*** Opening of Records supplied ***

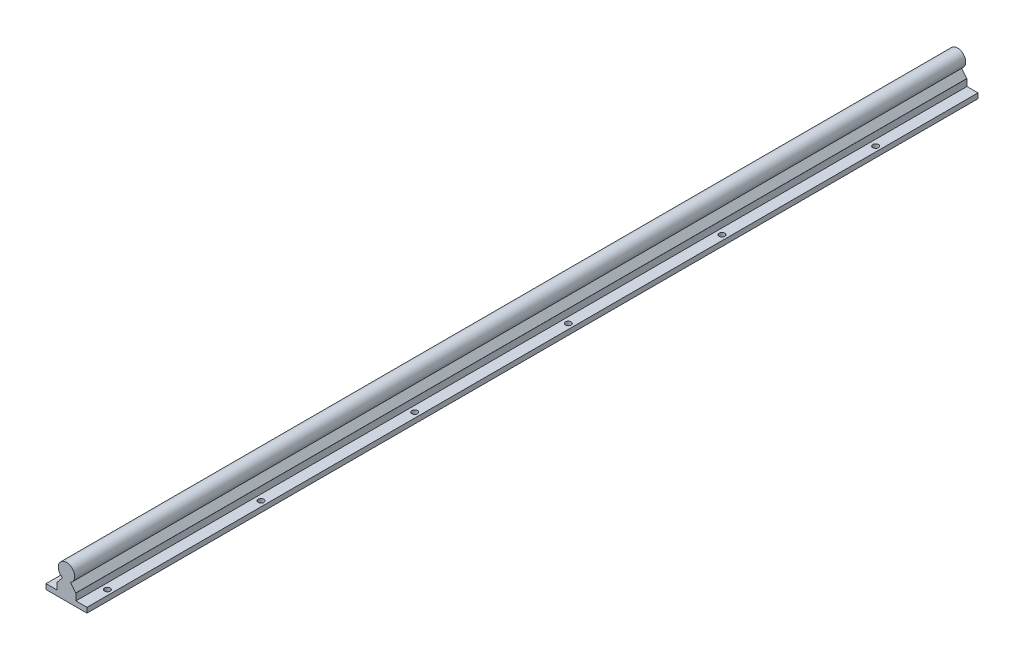
from build123d import *

# Parameters (mm, degrees)
EXTRUDE_1_DEPTH                  = 435
EXTRUDE_2_DEPTH                  = 870
HOLE_WIZARD_5_5_5_5_1_AT_2_COUNT = 2
HOLE_WIZARD_5_5_5_5_1_AT_2_PITCH = 30
PATTERN_LINEAR_1_COUNT           = 6
PATTERN_LINEAR_1_PITCH           = 150


with BuildPart() as part:
    # 草图1 → 凸台-拉伸1 (new, symmetric)
    with BuildSketch(Plane.XY):
        with BuildLine():
            Line((-9.25, 11.7), (-9.25, 5))
            Line((-9.25, 5), (-20, 5))
            Line((-20, 5), (-20, 0))
            Line((-20, 0), (20, 0))
            Line((20, 0), (20, 5))
            Line((20, 5), (9.25, 5))
            Line((9.25, 5), (9.25, 11.7))
            Line((9.25, 11.7), (9.11850775, 11.7))
            Line((9.11850775, 11.7), (4, 17.8))
            Line((4, 17.8), (3.487119155, 17.8))
            ThreePointArc((3.487119155, 17.8), (0, 17), (-3.487119155, 17.8))
            Line((-3.487119155, 17.8), (-4, 17.8))
            Line((-4, 17.8), (-9.11850775, 11.7))
            Line((-9.11850775, 11.7), (-9.25, 11.7))
        make_face()
    extrude(amount=EXTRUDE_1_DEPTH, both=True)

    # 草图2 → 凸台-拉伸2 (add)
    with BuildSketch(Plane.XY.offset(435)):
        with BuildLine():
            ThreePointArc((3.487119155, 17.8), (0, 33), (-3.487119155, 17.8))
            ThreePointArc((-3.487119155, 17.8), (0, 17), (3.487119155, 17.8))
        make_face()
    extrude(amount=-EXTRUDE_2_DEPTH)

    # 草图3 → Ø5.5 (5.5) 直径孔1 (revolve, cut)
    with BuildSketch(Plane(origin=(15, 5, 410), x_dir=(0, 0, 1), z_dir=(1, 0, 0))):
        Polygon((0, 0), (0, 17.19771324), (2.75, 15.61), (2.75, 0), align=None)
    hole_wizard_5_5_5_5_1 = revolve(axis=Axis((15, 11.35, 410), (0, -1, 0)), mode=Mode.SUBTRACT)

    # Ø5.5 (5.5) 直径孔1 at 2: Ø5.5 (5.5) 直径孔1 ×2
    with Locations(*[(-i * HOLE_WIZARD_5_5_5_5_1_AT_2_PITCH, 0, 0) for i in range(1, HOLE_WIZARD_5_5_5_5_1_AT_2_COUNT)]):
        add(hole_wizard_5_5_5_5_1, mode=Mode.SUBTRACT)

    # 阵列(线性)1: Ø5.5 (5.5) 直径孔1 ×6
    with Locations(*[(0, 0, -i * PATTERN_LINEAR_1_PITCH) for i in range(1, PATTERN_LINEAR_1_COUNT)]):
        add(hole_wizard_5_5_5_5_1, mode=Mode.SUBTRACT)

    # 阵列(线性)1 copy 1 sketch → 阵列(线性)1 copy 1 (revolve, cut)
    with BuildSketch(Plane(origin=(-15, 5, 260), x_dir=(0, 0, 1), z_dir=(1, 0, 0))):
        Polygon((0, 0), (0, 17.19771324), (2.75, 15.61), (2.75, 0), align=None)
    revolve(axis=Axis((-15, 11.35, 260), (0, -1, 0)), mode=Mode.SUBTRACT)

    # 阵列(线性)1 copy 2 sketch → 阵列(线性)1 copy 2 (revolve, cut)
    with BuildSketch(Plane(origin=(-15, 5, 110), x_dir=(0, 0, 1), z_dir=(1, 0, 0))):
        Polygon((0, 0), (0, 17.19771324), (2.75, 15.61), (2.75, 0), align=None)
    revolve(axis=Axis((-15, 11.35, 110), (0, -1, 0)), mode=Mode.SUBTRACT)

    # 阵列(线性)1 copy 3 sketch → 阵列(线性)1 copy 3 (revolve, cut)
    with BuildSketch(Plane(origin=(-15, 5, -40), x_dir=(0, 0, 1), z_dir=(1, 0, 0))):
        Polygon((0, 0), (0, 17.19771324), (2.75, 15.61), (2.75, 0), align=None)
    revolve(axis=Axis((-15, 11.35, -40), (0, -1, 0)), mode=Mode.SUBTRACT)

    # 阵列(线性)1 copy 4 sketch → 阵列(线性)1 copy 4 (revolve, cut)
    with BuildSketch(Plane(origin=(-15, 5, -190), x_dir=(0, 0, 1), z_dir=(1, 0, 0))):
        Polygon((0, 0), (0, 17.19771324), (2.75, 15.61), (2.75, 0), align=None)
    revolve(axis=Axis((-15, 11.35, -190), (0, -1, 0)), mode=Mode.SUBTRACT)

    # 阵列(线性)1 copy 5 sketch → 阵列(线性)1 copy 5 (revolve, cut)
    with BuildSketch(Plane(origin=(-15, 5, -340), x_dir=(0, 0, 1), z_dir=(1, 0, 0))):
        Polygon((0, 0), (0, 17.19771324), (2.75, 15.61), (2.75, 0), align=None)
    revolve(axis=Axis((-15, 11.35, -340), (0, -1, 0)), mode=Mode.SUBTRACT)


solid = part.part

*** Close of Records supplied ***

What needs to be done:
Give the number of lines in the entries that hold the string "copy", and add nothing else.

Written reply:
5